RECORDS TO PROCESS below:

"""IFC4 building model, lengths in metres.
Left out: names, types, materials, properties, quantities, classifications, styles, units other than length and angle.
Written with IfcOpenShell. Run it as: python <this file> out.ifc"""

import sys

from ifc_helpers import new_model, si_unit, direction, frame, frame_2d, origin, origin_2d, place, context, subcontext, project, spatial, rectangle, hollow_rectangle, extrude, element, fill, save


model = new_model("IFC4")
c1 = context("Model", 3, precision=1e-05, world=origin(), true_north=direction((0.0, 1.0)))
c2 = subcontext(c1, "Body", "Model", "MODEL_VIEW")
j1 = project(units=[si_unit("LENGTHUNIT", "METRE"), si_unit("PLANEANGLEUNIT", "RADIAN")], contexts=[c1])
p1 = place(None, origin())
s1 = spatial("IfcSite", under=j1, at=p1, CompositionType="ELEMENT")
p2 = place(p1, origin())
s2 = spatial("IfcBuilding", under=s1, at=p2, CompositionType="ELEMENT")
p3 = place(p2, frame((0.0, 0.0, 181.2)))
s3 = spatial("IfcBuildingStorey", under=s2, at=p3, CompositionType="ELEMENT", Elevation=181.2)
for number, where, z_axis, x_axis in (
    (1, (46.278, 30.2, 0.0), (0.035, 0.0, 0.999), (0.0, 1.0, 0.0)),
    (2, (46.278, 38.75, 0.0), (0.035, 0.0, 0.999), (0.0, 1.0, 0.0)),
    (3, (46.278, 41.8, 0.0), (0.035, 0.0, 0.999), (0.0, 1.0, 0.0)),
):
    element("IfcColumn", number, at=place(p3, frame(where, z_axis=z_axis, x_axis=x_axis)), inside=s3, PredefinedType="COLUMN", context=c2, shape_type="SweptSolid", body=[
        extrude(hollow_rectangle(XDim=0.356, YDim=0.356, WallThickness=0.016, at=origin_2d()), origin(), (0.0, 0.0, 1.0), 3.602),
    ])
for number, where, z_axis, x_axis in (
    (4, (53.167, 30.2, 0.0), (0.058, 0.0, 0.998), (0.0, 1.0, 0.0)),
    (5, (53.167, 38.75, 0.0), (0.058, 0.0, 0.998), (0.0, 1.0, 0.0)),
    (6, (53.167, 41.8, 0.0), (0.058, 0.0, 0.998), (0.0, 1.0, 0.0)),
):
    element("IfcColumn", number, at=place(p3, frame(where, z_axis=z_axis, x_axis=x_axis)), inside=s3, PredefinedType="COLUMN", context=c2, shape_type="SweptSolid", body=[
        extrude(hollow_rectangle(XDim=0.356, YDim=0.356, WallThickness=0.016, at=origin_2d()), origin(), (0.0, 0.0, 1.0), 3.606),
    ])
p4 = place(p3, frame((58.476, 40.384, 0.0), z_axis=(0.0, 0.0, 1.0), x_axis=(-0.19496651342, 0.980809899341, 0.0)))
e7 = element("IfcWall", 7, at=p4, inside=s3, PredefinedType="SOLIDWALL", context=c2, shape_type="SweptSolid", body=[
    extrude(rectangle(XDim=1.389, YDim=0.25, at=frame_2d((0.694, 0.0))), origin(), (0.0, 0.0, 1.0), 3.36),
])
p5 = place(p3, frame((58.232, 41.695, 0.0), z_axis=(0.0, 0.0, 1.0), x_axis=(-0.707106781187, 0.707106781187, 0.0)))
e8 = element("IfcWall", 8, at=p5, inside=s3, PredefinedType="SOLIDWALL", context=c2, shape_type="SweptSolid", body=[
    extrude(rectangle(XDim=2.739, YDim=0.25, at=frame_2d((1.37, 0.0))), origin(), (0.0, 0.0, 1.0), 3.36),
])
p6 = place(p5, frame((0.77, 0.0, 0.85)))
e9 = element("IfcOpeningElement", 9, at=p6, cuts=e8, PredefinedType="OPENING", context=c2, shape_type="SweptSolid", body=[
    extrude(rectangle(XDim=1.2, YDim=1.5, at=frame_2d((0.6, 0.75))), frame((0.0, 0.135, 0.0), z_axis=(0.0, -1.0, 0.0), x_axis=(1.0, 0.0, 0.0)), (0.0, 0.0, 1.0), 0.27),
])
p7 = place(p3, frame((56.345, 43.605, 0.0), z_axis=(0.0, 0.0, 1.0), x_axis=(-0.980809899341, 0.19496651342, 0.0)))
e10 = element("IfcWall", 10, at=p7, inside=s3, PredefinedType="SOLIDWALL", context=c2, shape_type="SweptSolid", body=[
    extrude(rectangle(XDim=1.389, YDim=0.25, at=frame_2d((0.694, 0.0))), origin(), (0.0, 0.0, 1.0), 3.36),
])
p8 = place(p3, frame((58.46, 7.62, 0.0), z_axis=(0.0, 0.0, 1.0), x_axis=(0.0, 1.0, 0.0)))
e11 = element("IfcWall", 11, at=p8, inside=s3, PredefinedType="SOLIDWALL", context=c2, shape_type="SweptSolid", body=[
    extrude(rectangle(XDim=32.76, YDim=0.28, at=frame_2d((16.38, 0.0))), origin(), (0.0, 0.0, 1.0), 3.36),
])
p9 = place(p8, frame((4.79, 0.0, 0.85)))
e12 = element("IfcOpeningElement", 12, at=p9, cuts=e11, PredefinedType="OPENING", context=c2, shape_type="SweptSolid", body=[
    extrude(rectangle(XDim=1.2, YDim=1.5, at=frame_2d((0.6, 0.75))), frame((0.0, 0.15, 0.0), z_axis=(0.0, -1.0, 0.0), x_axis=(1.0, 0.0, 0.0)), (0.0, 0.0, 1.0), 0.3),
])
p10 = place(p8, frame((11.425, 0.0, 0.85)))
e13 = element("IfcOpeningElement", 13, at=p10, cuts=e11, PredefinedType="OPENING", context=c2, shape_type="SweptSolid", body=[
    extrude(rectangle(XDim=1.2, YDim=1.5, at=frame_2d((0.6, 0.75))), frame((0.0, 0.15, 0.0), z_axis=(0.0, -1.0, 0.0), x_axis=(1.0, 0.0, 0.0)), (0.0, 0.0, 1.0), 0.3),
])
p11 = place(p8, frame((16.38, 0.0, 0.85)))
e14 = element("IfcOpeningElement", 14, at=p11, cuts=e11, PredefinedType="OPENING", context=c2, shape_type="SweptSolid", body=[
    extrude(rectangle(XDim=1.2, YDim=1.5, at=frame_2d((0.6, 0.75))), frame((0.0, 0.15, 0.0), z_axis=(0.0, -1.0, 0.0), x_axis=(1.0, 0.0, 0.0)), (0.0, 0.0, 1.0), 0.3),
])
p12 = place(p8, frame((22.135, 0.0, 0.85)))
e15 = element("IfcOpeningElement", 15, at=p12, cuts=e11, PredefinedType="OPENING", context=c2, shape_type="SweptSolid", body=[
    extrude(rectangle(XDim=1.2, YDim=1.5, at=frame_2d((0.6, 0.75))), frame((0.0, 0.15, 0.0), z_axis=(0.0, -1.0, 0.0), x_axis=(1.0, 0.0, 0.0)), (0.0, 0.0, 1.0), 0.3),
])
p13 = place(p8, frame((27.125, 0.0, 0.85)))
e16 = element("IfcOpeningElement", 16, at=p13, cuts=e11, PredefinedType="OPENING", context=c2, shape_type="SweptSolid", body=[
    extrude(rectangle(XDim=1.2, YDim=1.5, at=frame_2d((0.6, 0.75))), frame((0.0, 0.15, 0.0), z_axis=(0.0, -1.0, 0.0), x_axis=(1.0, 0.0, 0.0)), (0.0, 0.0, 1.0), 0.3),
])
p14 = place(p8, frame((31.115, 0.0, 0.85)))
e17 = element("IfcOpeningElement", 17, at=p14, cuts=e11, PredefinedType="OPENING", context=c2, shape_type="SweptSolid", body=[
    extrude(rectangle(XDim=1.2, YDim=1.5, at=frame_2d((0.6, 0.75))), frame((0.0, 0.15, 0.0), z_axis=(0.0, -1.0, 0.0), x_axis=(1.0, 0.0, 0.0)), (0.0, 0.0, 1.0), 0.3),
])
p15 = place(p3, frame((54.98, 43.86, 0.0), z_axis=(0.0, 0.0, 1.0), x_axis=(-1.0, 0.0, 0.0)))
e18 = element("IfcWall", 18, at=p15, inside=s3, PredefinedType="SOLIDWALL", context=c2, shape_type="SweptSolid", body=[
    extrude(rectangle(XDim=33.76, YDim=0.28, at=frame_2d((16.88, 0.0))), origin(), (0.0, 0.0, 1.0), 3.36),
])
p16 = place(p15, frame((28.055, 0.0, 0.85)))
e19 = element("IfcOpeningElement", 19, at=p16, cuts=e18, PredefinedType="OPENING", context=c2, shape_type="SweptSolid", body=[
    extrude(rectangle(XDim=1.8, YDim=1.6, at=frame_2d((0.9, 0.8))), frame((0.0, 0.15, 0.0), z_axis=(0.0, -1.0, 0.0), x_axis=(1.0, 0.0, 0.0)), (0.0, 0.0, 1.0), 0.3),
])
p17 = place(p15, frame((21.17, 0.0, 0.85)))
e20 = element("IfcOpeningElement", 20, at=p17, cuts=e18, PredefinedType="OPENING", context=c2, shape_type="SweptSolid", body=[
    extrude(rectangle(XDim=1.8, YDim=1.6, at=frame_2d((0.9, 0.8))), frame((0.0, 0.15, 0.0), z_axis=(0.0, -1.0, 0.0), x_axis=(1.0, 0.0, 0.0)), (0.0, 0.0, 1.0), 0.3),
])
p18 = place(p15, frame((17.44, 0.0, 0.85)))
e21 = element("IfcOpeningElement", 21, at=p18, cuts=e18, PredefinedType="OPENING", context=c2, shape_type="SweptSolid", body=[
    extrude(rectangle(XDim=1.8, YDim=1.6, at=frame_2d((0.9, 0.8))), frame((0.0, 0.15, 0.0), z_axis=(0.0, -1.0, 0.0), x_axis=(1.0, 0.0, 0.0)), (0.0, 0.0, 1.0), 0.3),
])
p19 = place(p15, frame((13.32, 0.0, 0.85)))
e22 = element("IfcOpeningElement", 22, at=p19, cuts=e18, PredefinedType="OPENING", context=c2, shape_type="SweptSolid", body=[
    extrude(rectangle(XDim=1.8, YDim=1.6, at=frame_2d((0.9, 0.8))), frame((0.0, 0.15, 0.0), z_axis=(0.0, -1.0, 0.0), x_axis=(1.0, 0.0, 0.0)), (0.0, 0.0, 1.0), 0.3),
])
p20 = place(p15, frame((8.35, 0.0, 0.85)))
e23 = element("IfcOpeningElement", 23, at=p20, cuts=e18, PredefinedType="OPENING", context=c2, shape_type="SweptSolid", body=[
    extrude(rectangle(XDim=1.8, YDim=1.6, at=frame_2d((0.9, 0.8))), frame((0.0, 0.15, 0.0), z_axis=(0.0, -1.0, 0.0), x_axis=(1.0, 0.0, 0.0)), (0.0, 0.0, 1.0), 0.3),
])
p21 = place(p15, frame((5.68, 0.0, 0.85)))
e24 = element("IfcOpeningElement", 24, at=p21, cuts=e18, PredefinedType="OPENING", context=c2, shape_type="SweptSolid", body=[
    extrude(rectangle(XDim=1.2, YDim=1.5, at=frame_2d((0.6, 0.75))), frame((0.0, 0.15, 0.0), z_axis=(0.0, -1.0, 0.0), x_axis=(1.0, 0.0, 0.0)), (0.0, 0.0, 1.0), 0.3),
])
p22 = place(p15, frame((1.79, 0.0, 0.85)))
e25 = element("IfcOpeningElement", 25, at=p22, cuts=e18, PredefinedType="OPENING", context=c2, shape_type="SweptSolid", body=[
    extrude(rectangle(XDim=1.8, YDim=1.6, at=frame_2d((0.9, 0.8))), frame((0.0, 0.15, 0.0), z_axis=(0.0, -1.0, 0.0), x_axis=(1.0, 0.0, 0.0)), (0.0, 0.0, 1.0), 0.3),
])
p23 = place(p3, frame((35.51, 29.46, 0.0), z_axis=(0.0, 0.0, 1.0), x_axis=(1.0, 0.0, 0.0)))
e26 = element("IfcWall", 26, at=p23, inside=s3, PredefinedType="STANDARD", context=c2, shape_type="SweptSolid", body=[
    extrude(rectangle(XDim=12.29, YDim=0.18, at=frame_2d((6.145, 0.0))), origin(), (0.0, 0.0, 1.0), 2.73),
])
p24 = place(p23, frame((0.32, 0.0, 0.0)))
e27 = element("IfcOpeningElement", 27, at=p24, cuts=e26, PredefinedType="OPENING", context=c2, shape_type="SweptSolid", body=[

End of RECORDS TO PROCESS.

→ DESCRIPTION OF THE TASK: Retype the portion of the data above that starts on the line with "p10 = place(p8, frame((11.425, 0.0, 0.85)))" and finishes on the line with "p13 = place(p8, frame((27.125, 0.0, 0.85)))", including both of those lines.

→ WORKED SOLUTION:
p10 = place(p8, frame((11.425, 0.0, 0.85)))
e13 = element("IfcOpeningElement", 13, at=p10, cuts=e11, PredefinedType="OPENING", context=c2, shape_type="SweptSolid", body=[
    extrude(rectangle(XDim=1.2, YDim=1.5, at=frame_2d((0.6, 0.75))), frame((0.0, 0.15, 0.0), z_axis=(0.0, -1.0, 0.0), x_axis=(1.0, 0.0, 0.0)), (0.0, 0.0, 1.0), 0.3),
])
p11 = place(p8, frame((16.38, 0.0, 0.85)))
e14 = element("IfcOpeningElement", 14, at=p11, cuts=e11, PredefinedType="OPENING", context=c2, shape_type="SweptSolid", body=[
    extrude(rectangle(XDim=1.2, YDim=1.5, at=frame_2d((0.6, 0.75))), frame((0.0, 0.15, 0.0), z_axis=(0.0, -1.0, 0.0), x_axis=(1.0, 0.0, 0.0)), (0.0, 0.0, 1.0), 0.3),
])
p12 = place(p8, frame((22.135, 0.0, 0.85)))
e15 = element("IfcOpeningElement", 15, at=p12, cuts=e11, PredefinedType="OPENING", context=c2, shape_type="SweptSolid", body=[
    extrude(rectangle(XDim=1.2, YDim=1.5, at=frame_2d((0.6, 0.75))), frame((0.0, 0.15, 0.0), z_axis=(0.0, -1.0, 0.0), x_axis=(1.0, 0.0, 0.0)), (0.0, 0.0, 1.0), 0.3),
])
p13 = place(p8, frame((27.125, 0.0, 0.85)))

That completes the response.